» **Work instruction**: Look through the data below for the line with "-18.41, 0.0), z_axis=(0.0, 0.0, 1.0), x_axis=(0.0, -1.0, 0.0)))" and the line with "p9 = place(p8, frame((4.5, 0.0, 0.0)))", then output those two and all lines in between, exactly as written.

» **Information**:
^^^^^^^^^^^^^^^^

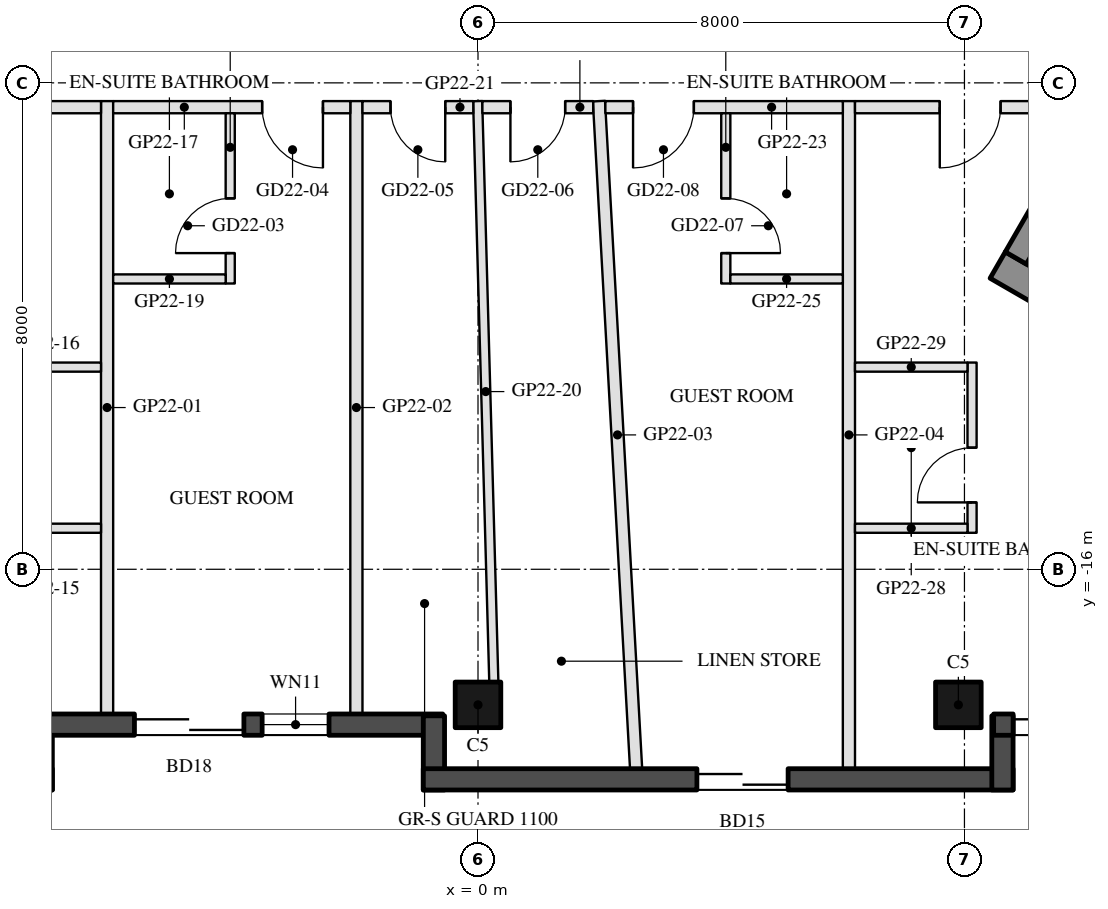
"""IFC4 building model, lengths in metres.
Left out: names, types, materials, properties, quantities, classifications, styles, units other than length and angle.
Written with IfcOpenShell. Run it as: python <this file> out.ifc"""

import sys

from ifc_helpers import new_model, si_unit, direction, frame, frame_2d, origin, origin_2d, place, context, subcontext, project, spatial, rectangle, hollow_rectangle, extrude, element, fill, save


model = new_model("IFC4")
c1 = context("Model", 3, precision=1e-05, world=origin(), true_north=direction((0.0, 1.0)))
c2 = subcontext(c1, "Body", "Model", "MODEL_VIEW")
j1 = project(units=[si_unit("LENGTHUNIT", "METRE"), si_unit("PLANEANGLEUNIT", "RADIAN")], contexts=[c1])
p1 = place(None, origin())
s1 = spatial("IfcSite", under=j1, at=p1, CompositionType="ELEMENT")
p2 = place(p1, origin())
s2 = spatial("IfcBuilding", under=s1, at=p2, CompositionType="ELEMENT")
p3 = place(p2, frame((0.0, 0.0, 228.0)))
s3 = spatial("IfcBuildingStorey", under=s2, at=p3, CompositionType="ELEMENT", Elevation=228.0)
for number, where, z_axis, x_axis in (
    (1, (0.0, -18.23, 0.0), (0.0, 0.0, 1.0), (-1.0, 0.0, 0.0)),
    (2, (7.9, -18.23, 0.0), (0.0, 0.0, 1.0), (-1.0, 0.0, 0.0)),
):
    element("IfcColumn", number, at=place(p3, frame(where, z_axis=z_axis, x_axis=x_axis)), inside=s3, PredefinedType="COLUMN", context=c2, shape_type="SweptSolid", body=[
        extrude(hollow_rectangle(XDim=0.75, YDim=0.75, WallThickness=0.035, at=origin_2d()), origin(), (0.0, 0.0, 1.0), 3.7),
    ])
p4 = place(p3, frame((-7.32, -18.555, 0.0), z_axis=(0.0, 0.0, 1.0), x_axis=(1.0, 0.0, 0.0)))
e3 = element("IfcWall", 3, at=p4, inside=s3, PredefinedType="SOLIDWALL", context=c2, shape_type="SweptSolid", body=[
    extrude(rectangle(XDim=6.74, YDim=0.35, at=frame_2d((3.37, 0.0))), origin(), (0.0, 0.0, 1.0), 3.45),
])
p5 = place(p4, frame((1.67, 0.0, 0.0)))
e4 = element("IfcOpeningElement", 4, at=p5, cuts=e3, PredefinedType="OPENING", context=c2, shape_type="SweptSolid", body=[
    extrude(rectangle(XDim=1.8, YDim=2.4, at=frame_2d((0.9, 1.2))), frame((0.0, 0.185, 0.0), z_axis=(0.0, -1.0, 0.0), x_axis=(1.0, 0.0, 0.0)), (0.0, 0.0, 1.0), 0.37),
])
p6 = place(p4, frame((3.77, 0.0, 0.3)))
e5 = element("IfcOpeningElement", 5, at=p6, cuts=e3, PredefinedType="OPENING", context=c2, shape_type="SweptSolid", body=[
    extrude(rectangle(XDim=1.1, YDim=2.65, at=frame_2d((0.55, 1.325))), frame((0.0, 0.185, 0.0), z_axis=(0.0, -1.0, 0.0), x_axis=(1.0, 0.0, 0.0)), (0.0, 0.0, 1.0), 0.37),
])
p7 = place(p3, frame((-0.725, -18.41, 0.0), z_axis=(0.0, 0.0, 1.0), x_axis=(0.0, -1.0, 0.0)))
e6 = element("IfcWall", 6, at=p7, inside=s3, PredefinedType="SOLIDWALL", context=c2, shape_type="SweptSolid", body=[
    extrude(rectangle(XDim=1.22, YDim=0.35, at=frame_2d((0.61, 0.0))), origin(), (0.0, 0.0, 1.0), 3.45),
])
p8 = place(p3, frame((-0.9, -19.455, 0.0), z_axis=(0.0, 0.0, 1.0), x_axis=(1.0, 0.0, 0.0)))
e7 = element("IfcWall", 7, at=p8, inside=s3, PredefinedType="SOLIDWALL", context=c2, shape_type="SweptSolid", body=[
    extrude(rectangle(XDim=9.7, YDim=0.35, at=frame_2d((4.85, 0.0))), origin(), (0.0, 0.0, 1.0), 3.45),
])
p9 = place(p8, frame((4.5, 0.0, 0.0)))
e8 = element("IfcOpeningElement", 8, at=p9, cuts=e7, PredefinedType="OPENING", context=c2, shape_type="SweptSolid", body=[
    extrude(rectangle(XDim=1.5, YDim=2.4, at=frame_2d((0.75, 1.2))), frame((0.0, 0.185, 0.0), z_axis=(0.0, -1.0, 0.0), x_axis=(1.0, 0.0, 0.0)), (0.0, 0.0, 1.0), 0.37),
])
p10 = place(p3, frame((8.625, -19.63, 0.0), z_axis=(0.0, 0.0, 1.0), x_axis=(0.0, 1.0, 0.0)))
e9 = element("IfcWall", 9, at=p10, inside=s3, PredefinedType="SOLIDWALL", context=c2, shape_type="SweptSolid", body=[
    extrude(rectangle(XDim=1.22, YDim=0.35, at=frame_2d((0.61, 0.0))), origin(), (0.0, 0.0, 1.0), 3.45),
])
p11 = place(p3, frame((8.48, -18.555, 0.0), z_axis=(0.0, 0.0, 1.0), x_axis=(1.0, 0.0, 0.0)))
e10 = element("IfcWall", 10, at=p11, inside=s3, PredefinedType="SOLIDWALL", context=c2, shape_type="SweptSolid", body=[
    extrude(rectangle(XDim=6.74, YDim=0.35, at=frame_2d((3.37, 0.0))), origin(), (0.0, 0.0, 1.0), 3.45),
])
p12 = place(p11, frame((0.32, 0.0, 0.0)))
e11 = element("IfcOpeningElement", 11, at=p12, cuts=e10, PredefinedType="OPENING", context=c2, shape_type="SweptSolid", body=[
    extrude(rectangle(XDim=2.4, YDim=2.4, at=frame_2d((1.2, 1.2))), frame((0.0, 0.185, 0.0), z_axis=(0.0, -1.0, 0.0), x_axis=(1.0, 0.0, 0.0)), (0.0, 0.0, 1.0), 0.37),
])
p13 = place(p11, frame((3.02, 0.0, 0.3)))
e12 = element("IfcOpeningElement", 12, at=p13, cuts=e10, PredefinedType="OPENING", context=c2, shape_type="SweptSolid", body=[
    extrude(rectangle(XDim=2.9, YDim=2.65, at=frame_2d((1.45, 1.325))), frame((0.0, 0.185, 0.0), z_axis=(0.0, -1.0, 0.0), x_axis=(1.0, 0.0, 0.0)), (0.0, 0.0, 1.0), 0.37),
])
p14 = place(p3, frame((8.547, -10.997, 0.0), z_axis=(0.0, 0.0, 1.0), x_axis=(0.866025009528, -0.500000682871, 0.0)))
e13 = element("IfcWall", 13, at=p14, inside=s3, PredefinedType="SHEAR", context=c2, shape_type="SweptSolid", body=[
    extrude(rectangle(XDim=14.837, YDim=0.5, at=frame_2d((7.418, 0.0))), origin(), (0.0, 0.0, 1.0), 3.45),
])
p15 = place(p3, frame((8.845, -10.88, 0.0), z_axis=(0.0, 0.0, 1.0), x_axis=(0.500004234368, 0.866022959057, 0.0)))
e14 = element("IfcWall", 14, at=p15, inside=s3, PredefinedType="SHEAR", context=c2, shape_type="SweptSolid", body=[
    extrude(rectangle(XDim=10.0, YDim=0.4, at=frame_2d((5.0, 0.0))), origin(), (0.0, 0.0, 1.0), 3.45),
])
p16 = place(p15, frame((3.55, 0.0, 0.0)))
e15 = element("IfcOpeningElement", 15, at=p16, cuts=e14, PredefinedType="OPENING", context=c2, shape_type="SweptSolid", body=[
    extrude(rectangle(XDim=1.1, YDim=2.1, at=frame_2d((0.55, 1.05))), frame((0.0, 0.21, 0.0), z_axis=(0.0, -1.0, 0.0), x_axis=(1.0, 0.0, 0.0)), (0.0, 0.0, 1.0), 0.42),
])
p17 = place(p15, frame((5.85, 0.0, 0.0)))
e16 = element("IfcOpeningElement", 16, at=p17, cuts=e14, PredefinedType="OPENING", context=c2, shape_type="SweptSolid", body=[
    extrude(rectangle(XDim=1.4, YDim=2.1, at=frame_2d((0.7, 1.05))), frame((0.0, 0.21, 0.0), z_axis=(0.0, -1.0, 0.0), x_axis=(1.0, 0.0, 0.0)), (0.0, 0.0, 1.0), 0.42),
])
for number, where, z_axis, x_axis in (
    (17, (-6.1, -18.38, 0.0), (0.0, 0.0, 1.0), (0.0, 1.0, 0.0)),
    (18, (-2.0, -18.38, 0.0), (0.0, 0.0, 1.0), (0.0, 1.0, 0.0)),
):
    element("IfcWall", number, at=place(p3, frame(where, z_axis=z_axis, x_axis=x_axis)), inside=s3, PredefinedType="PARTITIONING", context=c2, shape_type="SweptSolid", body=[
        extrude(rectangle(XDim=10.08, YDim=0.2, at=frame_2d((5.04, 0.0))), origin(), (0.0, 0.0, 1.0), 2.96),
    ])
p18 = place(p3, frame((2.6, -19.28, 0.0), z_axis=(0.0, 0.0, 1.0), x_axis=(-0.055568385591, 0.998454883569, 0.0)))
e19 = element("IfcWall", 19, at=p18, inside=s3, PredefinedType="PARTITIONING", context=c2, shape_type="SweptSolid", body=[
    extrude(rectangle(XDim=10.997, YDim=0.2, at=frame_2d((5.499, 0.0))), origin(), (0.0, 0.0, 1.0), 2.96),
])
p19 = place(p3, frame((6.1, -19.28, 0.0), z_axis=(0.0, 0.0, 1.0), x_axis=(0.0, 1.0, 0.0)))
e20 = element("IfcWall", 20, at=p19, inside=s3, PredefinedType="PARTITIONING", context=c2, shape_type="SweptSolid", body=[
    extrude(rectangle(XDim=10.98, YDim=0.2, at=frame_2d((5.49, 0.0))), origin(), (0.0, 0.0, 1.0), 2.96),
])
p20 = place(p3, frame((-6.2, -8.4, 0.0), z_axis=(0.0, 0.0, 1.0), x_axis=(-1.0, 0.0, 0.0)))
e21 = element("IfcWall", 21, at=p20, inside=s3, PredefinedType="PARTITIONING", context=c2, shape_type="SweptSolid", body=[
    extrude(rectangle(XDim=3.788, YDim=0.2, at=frame_2d((1.894, 0.0))), origin(), (0.0, 0.0, 1.0), 2.76),
])
p21 = place(p20, frame((1.394, 0.0, 0.0)))
e22 = element("IfcOpeningElement", 22, at=p21, cuts=e21, PredefinedType="OPENING", context=c2, shape_type="SweptSolid", body=[
    extrude(rectangle(XDim=1.0, YDim=2.1, at=frame_2d((0.5, 1.05))), frame((0.0, 0.11, 0.0), z_axis=(0.0, -1.0, 0.0), x_axis=(1.0, 0.0, 0.0)), (0.0, 0.0, 1.0), 0.22),
])
for number, where, z_axis, x_axis in (
    (23, (-8.05, -15.325, 0.0), (0.0, 0.0, 1.0), (1.0, 0.0, 0.0)),
    (24, (-8.05, -12.675, 0.0), (0.0, 0.0, 1.0), (1.0, 0.0, 0.0)),
):
    element("IfcWall", number, at=place(p3, frame(where, z_axis=z_axis, x_axis=x_axis)), inside=s3, PredefinedType="PARTITIONING", context=c2, shape_type="SweptSolid", body=[
        extrude(rectangle(XDim=1.85, YDim=0.15, at=frame_2d((0.925, 0.0))), origin(), (0.0, 0.0, 1.0), 2.76),
    ])
p22 = place(p3, frame((-2.1, -8.4, 0.0), z_axis=(0.0, 0.0, 1.0), x_axis=(-1.0, 0.0, 0.0)))
e25 = element("IfcWall", 25, at=p22, inside=s3, PredefinedType="PARTITIONING", context=c2, shape_type="SweptSolid", body=[
    extrude(rectangle(XDim=3.9, YDim=0.2, at=frame_2d((1.95, 0.0))), origin(), (0.0, 0.0, 1.0), 2.76),
])
p23 = place(p22, frame((0.45, 0.0, 0.0)))
e26 = element("IfcOpeningElement", 26, at=p23, cuts=e25, PredefinedType="OPENING", context=c2, shape_type="SweptSolid", body=[
    extrude(rectangle(XDim=1.0, YDim=2.1, at=frame_2d((0.5, 1.05))), frame((0.0, 0.11, 0.0), z_axis=(0.0, -1.0, 0.0), x_axis=(1.0, 0.0, 0.0)), (0.0, 0.0, 1.0), 0.22),
])
p24 = place(p3, frame((-4.075, -11.3, 0.0), z_axis=(0.0, 0.0, 1.0), x_axis=(0.0, 1.0, 0.0)))
e27 = element("IfcWall", 27, at=p24, inside=s3, PredefinedType="PARTITIONING", context=c2, shape_type="SweptSolid", body=[
    extrude(rectangle(XDim=2.8, YDim=0.15, at=frame_2d((1.4, 0.0))), origin(), (0.0, 0.0, 1.0), 2.76),
])
p25 = place(p24, frame((0.5, 0.0, 0.0)))
e28 = element("IfcOpeningElement", 28, at=p25, cuts=e27, PredefinedType="OPENING", context=c2, shape_type="SweptSolid", body=[
    extrude(rectangle(XDim=0.9, YDim=2.1, at=frame_2d((0.45, 1.05))), frame((0.0, 0.085, 0.0), z_axis=(0.0, -1.0, 0.0), x_axis=(1.0, 0.0, 0.0)), (0.0, 0.0, 1.0), 0.17),
])
p26 = place(p3, frame((-6.0, -11.225, 0.0), z_axis=(0.0, 0.0, 1.0), x_axis=(1.0, 0.0, 0.0)))
e29 = element("IfcWall", 29, at=p26, inside=s3, PredefinedType="PARTITIONING", context=c2, shape_type="SweptSolid", body=[
    extrude(rectangle(XDim=1.85, YDim=0.15, at=frame_2d((0.925, 0.0))), origin(), (0.0, 0.0, 1.0), 3.45),
])
p27 = place(p3, frame((0.26, -17.855, 0.0), z_axis=(0.0, 0.0, 1.0), x_axis=(-0.02781456591, 0.999613100116, 0.0)))
e30 = element("IfcWall", 30, at=p27, inside=s3, PredefinedType="PARTITIONING", context=c2, shape_type="SweptSolid", body=[
    extrude(rectangle(XDim=9.559, YDim=0.15, at=frame_2d((4.779, 0.0))), origin(), (0.0, 0.0, 1.0), 2.76),
])
p28 = place(p3, frame((-0.078, -8.4, 0.0), z_axis=(0.0, 0.0, 1.0), x_axis=(-1.0, 0.0, 0.0)))
e31 = element("IfcWall", 31, at=p28, inside=s3, PredefinedType="PARTITIONING", context=c2, shape_type="SweptSolid", body=[
    extrude(rectangle(XDim=1.822, YDim=0.2, at=frame_2d((0.911, 0.0))), origin(), (0.0, 0.0, 1.0), 2.76),
])
p29 = place(p28, frame((0.461, 0.0, 0.0)))
e32 = element("IfcOpeningElement", 32, at=p29, cuts=e31, PredefinedType="OPENING", context=c2, shape_type="SweptSolid", body=[
    extrude(rectangle(XDim=0.9, YDim=2.1, at=frame_2d((0.45, 1.05))), frame((0.0, 0.11, 0.0), z_axis=(0.0, -1.0, 0.0), x_axis=(1.0, 0.0, 0.0)), (0.0, 0.0, 1.0), 0.22),
])
p30 = place(p3, frame((1.894, -8.4, 0.0), z_axis=(0.0, 0.0, 1.0), x_axis=(-1.0, 0.0, 0.0)))
e33 = element("IfcWall", 33, at=p30, inside=s3, PredefinedType="PARTITIONING", context=c2, shape_type="SweptSolid", body=[
    extrude(rectangle(XDim=1.822, YDim=0.2, at=frame_2d((0.911, 0.0))), origin(), (0.0, 0.0, 1.0), 2.76),
])
p31 = place(p30, frame((0.461, 0.0, 0.0)))
e34 = element("IfcOpeningElement", 34, at=p31, cuts=e33, PredefinedType="OPENING", context=c2, shape_type="SweptSolid", body=[
    extrude(rectangle(XDim=0.9, YDim=2.1, at=frame_2d((0.45, 1.05))), frame((0.0, 0.11, 0.0), z_axis=(0.0, -1.0, 0.0), x_axis=(1.0, 0.0, 0.0)), (0.0, 0.0, 1.0), 0.22),
])
p32 = place(p3, frame((6.0, -8.4, 0.0), z_axis=(0.0, 0.0, 1.0), x_axis=(-1.0, 0.0, 0.0)))
e35 = element("IfcWall", 35, at=p32, inside=s3, PredefinedType="PARTITIONING", context=c2, shape_type="SweptSolid", body=[
    extrude(rectangle(XDim=3.906, YDim=0.2, at=frame_2d((1.953, 0.0))), origin(), (0.0, 0.0, 1.0), 2.76),
])
p33 = place(p32, frame((2.45, 0.0, 0.0)))
e36 = element("IfcOpeningElement", 36, at=p33, cuts=e35, PredefinedType="OPENING", context=c2, shape_type="SweptSolid", body=[
    extrude(rectangle(XDim=1.0, YDim=2.1, at=frame_2d((0.5, 1.05))), frame((0.0, 0.11, 0.0), z_axis=(0.0, -1.0, 0.0), x_axis=(1.0, 0.0, 0.0)), (0.0, 0.0, 1.0), 0.22),
])
p34 = place(p3, frame((4.075, -8.5, 0.0), z_axis=(0.0, 0.0, 1.0), x_axis=(0.0, -1.0, 0.0)))
e37 = element("IfcWall", 37, at=p34, inside=s3, PredefinedType="PARTITIONING", context=c2, shape_type="SweptSolid", body=[
    extrude(rectangle(XDim=2.8, YDim=0.15, at=frame_2d((1.4, 0.0))), origin(), (0.0, 0.0, 1.0), 2.76),
])
p35 = place(p34, frame((1.4, 0.0, 0.0)))
e38 = element("IfcOpeningElement", 38, at=p35, cuts=e37, PredefinedType="OPENING", context=c2, shape_type="SweptSolid", body=[
    extrude(rectangle(XDim=0.9, YDim=2.1, at=frame_2d((0.45, 1.05))), frame((0.0, 0.085, 0.0), z_axis=(0.0, -1.0, 0.0), x_axis=(1.0, 0.0, 0.0)), (0.0, 0.0, 1.0), 0.17),
])
p36 = place(p3, frame((4.15, -11.225, 0.0), z_axis=(0.0, 0.0, 1.0), x_axis=(1.0, 0.0, 0.0)))
e39 = element("IfcWall", 39, at=p36, inside=s3, PredefinedType="PARTITIONING", context=c2, shape_type="SweptSolid", body=[
    extrude(rectangle(XDim=1.85, YDim=0.15, at=frame_2d((0.925, 0.0))), origin(), (0.0, 0.0, 1.0), 3.45),
])
p37 = place(p3, frame((9.988, -8.4, 0.0), z_axis=(0.0, 0.0, 1.0), x_axis=(-1.0, 0.0, 0.0)))
e40 = element("IfcWall", 40, at=p37, inside=s3, PredefinedType="PARTITIONING", context=c2, shape_type="SweptSolid", body=[
    extrude(rectangle(XDim=3.788, YDim=0.2, at=frame_2d((1.894, 0.0))), origin(), (0.0, 0.0, 1.0), 2.76),
])
p38 = place(p37, frame((1.394, 0.0, 0.0)))
e41 = element("IfcOpeningElement", 41, at=p38, cuts=e40, PredefinedType="OPENING", context=c2, shape_type="SweptSolid", body=[
    extrude(rectangle(XDim=1.0, YDim=2.1, at=frame_2d((0.5, 1.05))), frame((0.0, 0.11, 0.0), z_axis=(0.0, -1.0, 0.0), x_axis=(1.0, 0.0, 0.0)), (0.0, 0.0, 1.0), 0.22),
])
p39 = place(p3, frame((8.125, -15.4, 0.0), z_axis=(0.0, 0.0, 1.0), x_axis=(0.0, 1.0, 0.0)))
e42 = element("IfcWall", 42, at=p39, inside=s3, PredefinedType="PARTITIONING", context=c2, shape_type="SweptSolid", body=[
    extrude(rectangle(XDim=2.8, YDim=0.15, at=frame_2d((1.4, 0.0))), origin(), (0.0, 0.0, 1.0), 3.45),
])
p40 = place(p39, frame((0.5, 0.0, 0.0)))
e43 = element("IfcOpeningElement", 43, at=p40, cuts=e42, PredefinedType="OPENING", context=c2, shape_type="SweptSolid", body=[
    extrude(rectangle(XDim=0.9, YDim=2.1, at=frame_2d((0.45, 1.05))), frame((0.0, 0.085, 0.0), z_axis=(0.0, -1.0, 0.0), x_axis=(1.0, 0.0, 0.0)), (0.0, 0.0, 1.0), 0.17),
])
for number, where, z_axis, x_axis in (
    (44, (6.2, -15.325, 0.0), (0.0, 0.0, 1.0), (1.0, 0.0, 0.0)),
    (45, (6.2, -12.675, 0.0), (0.0, 0.0, 1.0), (1.0, 0.0, 0.0)),
):
    element("IfcWall", number, at=place(p3, frame(where, z_axis=z_axis, x_axis=x_axis)), inside=s3, PredefinedType="PARTITIONING", context=c2, shape_type="SweptSolid", body=[
        extrude(rectangle(XDim=1.85, YDim=0.15, at=frame_2d((0.925, 0.0))), origin(), (0.0, 0.0, 1.0), 2.76),
    ])
p41 = place(p5, frame((1.8, 0.0, 0.0), z_axis=(0.0, 0.0, 1.0), x_axis=(-1.0, 0.0, 0.0)))
e46 = element("IfcDoor", 46, at=p41, inside=s3, OperationType="SLIDING_TO_LEFT", PredefinedType="DOOR", context=c2, shape_type="SweptSolid", body=[
    extrude(rectangle(XDim=1.8, YDim=2.4, at=frame_2d((0.9, 1.2))), frame((0.0, 0.025, 0.0), z_axis=(0.0, -1.0, 0.0), x_axis=(1.0, 0.0, 0.0)), (0.0, 0.0, 1.0), 0.05),
])
fill(e4, e46)
p42 = place(p6, origin())
e47 = element("IfcWindow", 47, at=p42, inside=s3, PartitioningType="SINGLE_PANEL", PredefinedType="WINDOW", context=c2, shape_type="SweptSolid", body=[
    extrude(rectangle(XDim=1.1, YDim=2.65, at=frame_2d((0.55, 1.325))), frame((0.0, 0.03, 0.0), z_axis=(0.0, -1.0, 0.0), x_axis=(1.0, 0.0, 0.0)), (0.0, 0.0, 1.0), 0.06),
])
fill(e5, e47)
p43 = place(p9, frame((1.5, 0.0, 0.0), z_axis=(0.0, 0.0, 1.0), x_axis=(-1.0, 0.0, 0.0)))
e48 = element("IfcDoor", 48, at=p43, inside=s3, OperationType="SLIDING_TO_LEFT", PredefinedType="DOOR", context=c2, shape_type="SweptSolid", body=[
    extrude(rectangle(XDim=1.5, YDim=2.4, at=frame_2d((0.75, 1.2))), frame((0.0, 0.025, 0.0), z_axis=(0.0, -1.0, 0.0), x_axis=(1.0, 0.0, 0.0)), (0.0, 0.0, 1.0), 0.05),
])
fill(e8, e48)
p44 = place(p12, frame((2.4, 0.0, 0.0), z_axis=(0.0, 0.0, 1.0), x_axis=(-1.0, 0.0, 0.0)))
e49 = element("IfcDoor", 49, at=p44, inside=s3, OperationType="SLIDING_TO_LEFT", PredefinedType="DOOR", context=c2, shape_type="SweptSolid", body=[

^^^^^^^^^^^^^^^^

» **Solved problem**:
p7 = place(p3, frame((-0.725, -18.41, 0.0), z_axis=(0.0, 0.0, 1.0), x_axis=(0.0, -1.0, 0.0)))
e6 = element("IfcWall", 6, at=p7, inside=s3, PredefinedType="SOLIDWALL", context=c2, shape_type="SweptSolid", body=[
    extrude(rectangle(XDim=1.22, YDim=0.35, at=frame_2d((0.61, 0.0))), origin(), (0.0, 0.0, 1.0), 3.45),
])
p8 = place(p3, frame((-0.9, -19.455, 0.0), z_axis=(0.0, 0.0, 1.0), x_axis=(1.0, 0.0, 0.0)))
e7 = element("IfcWall", 7, at=p8, inside=s3, PredefinedType="SOLIDWALL", context=c2, shape_type="SweptSolid", body=[
    extrude(rectangle(XDim=9.7, YDim=0.35, at=frame_2d((4.85, 0.0))), origin(), (0.0, 0.0, 1.0), 3.45),
])
p9 = place(p8, frame((4.5, 0.0, 0.0)))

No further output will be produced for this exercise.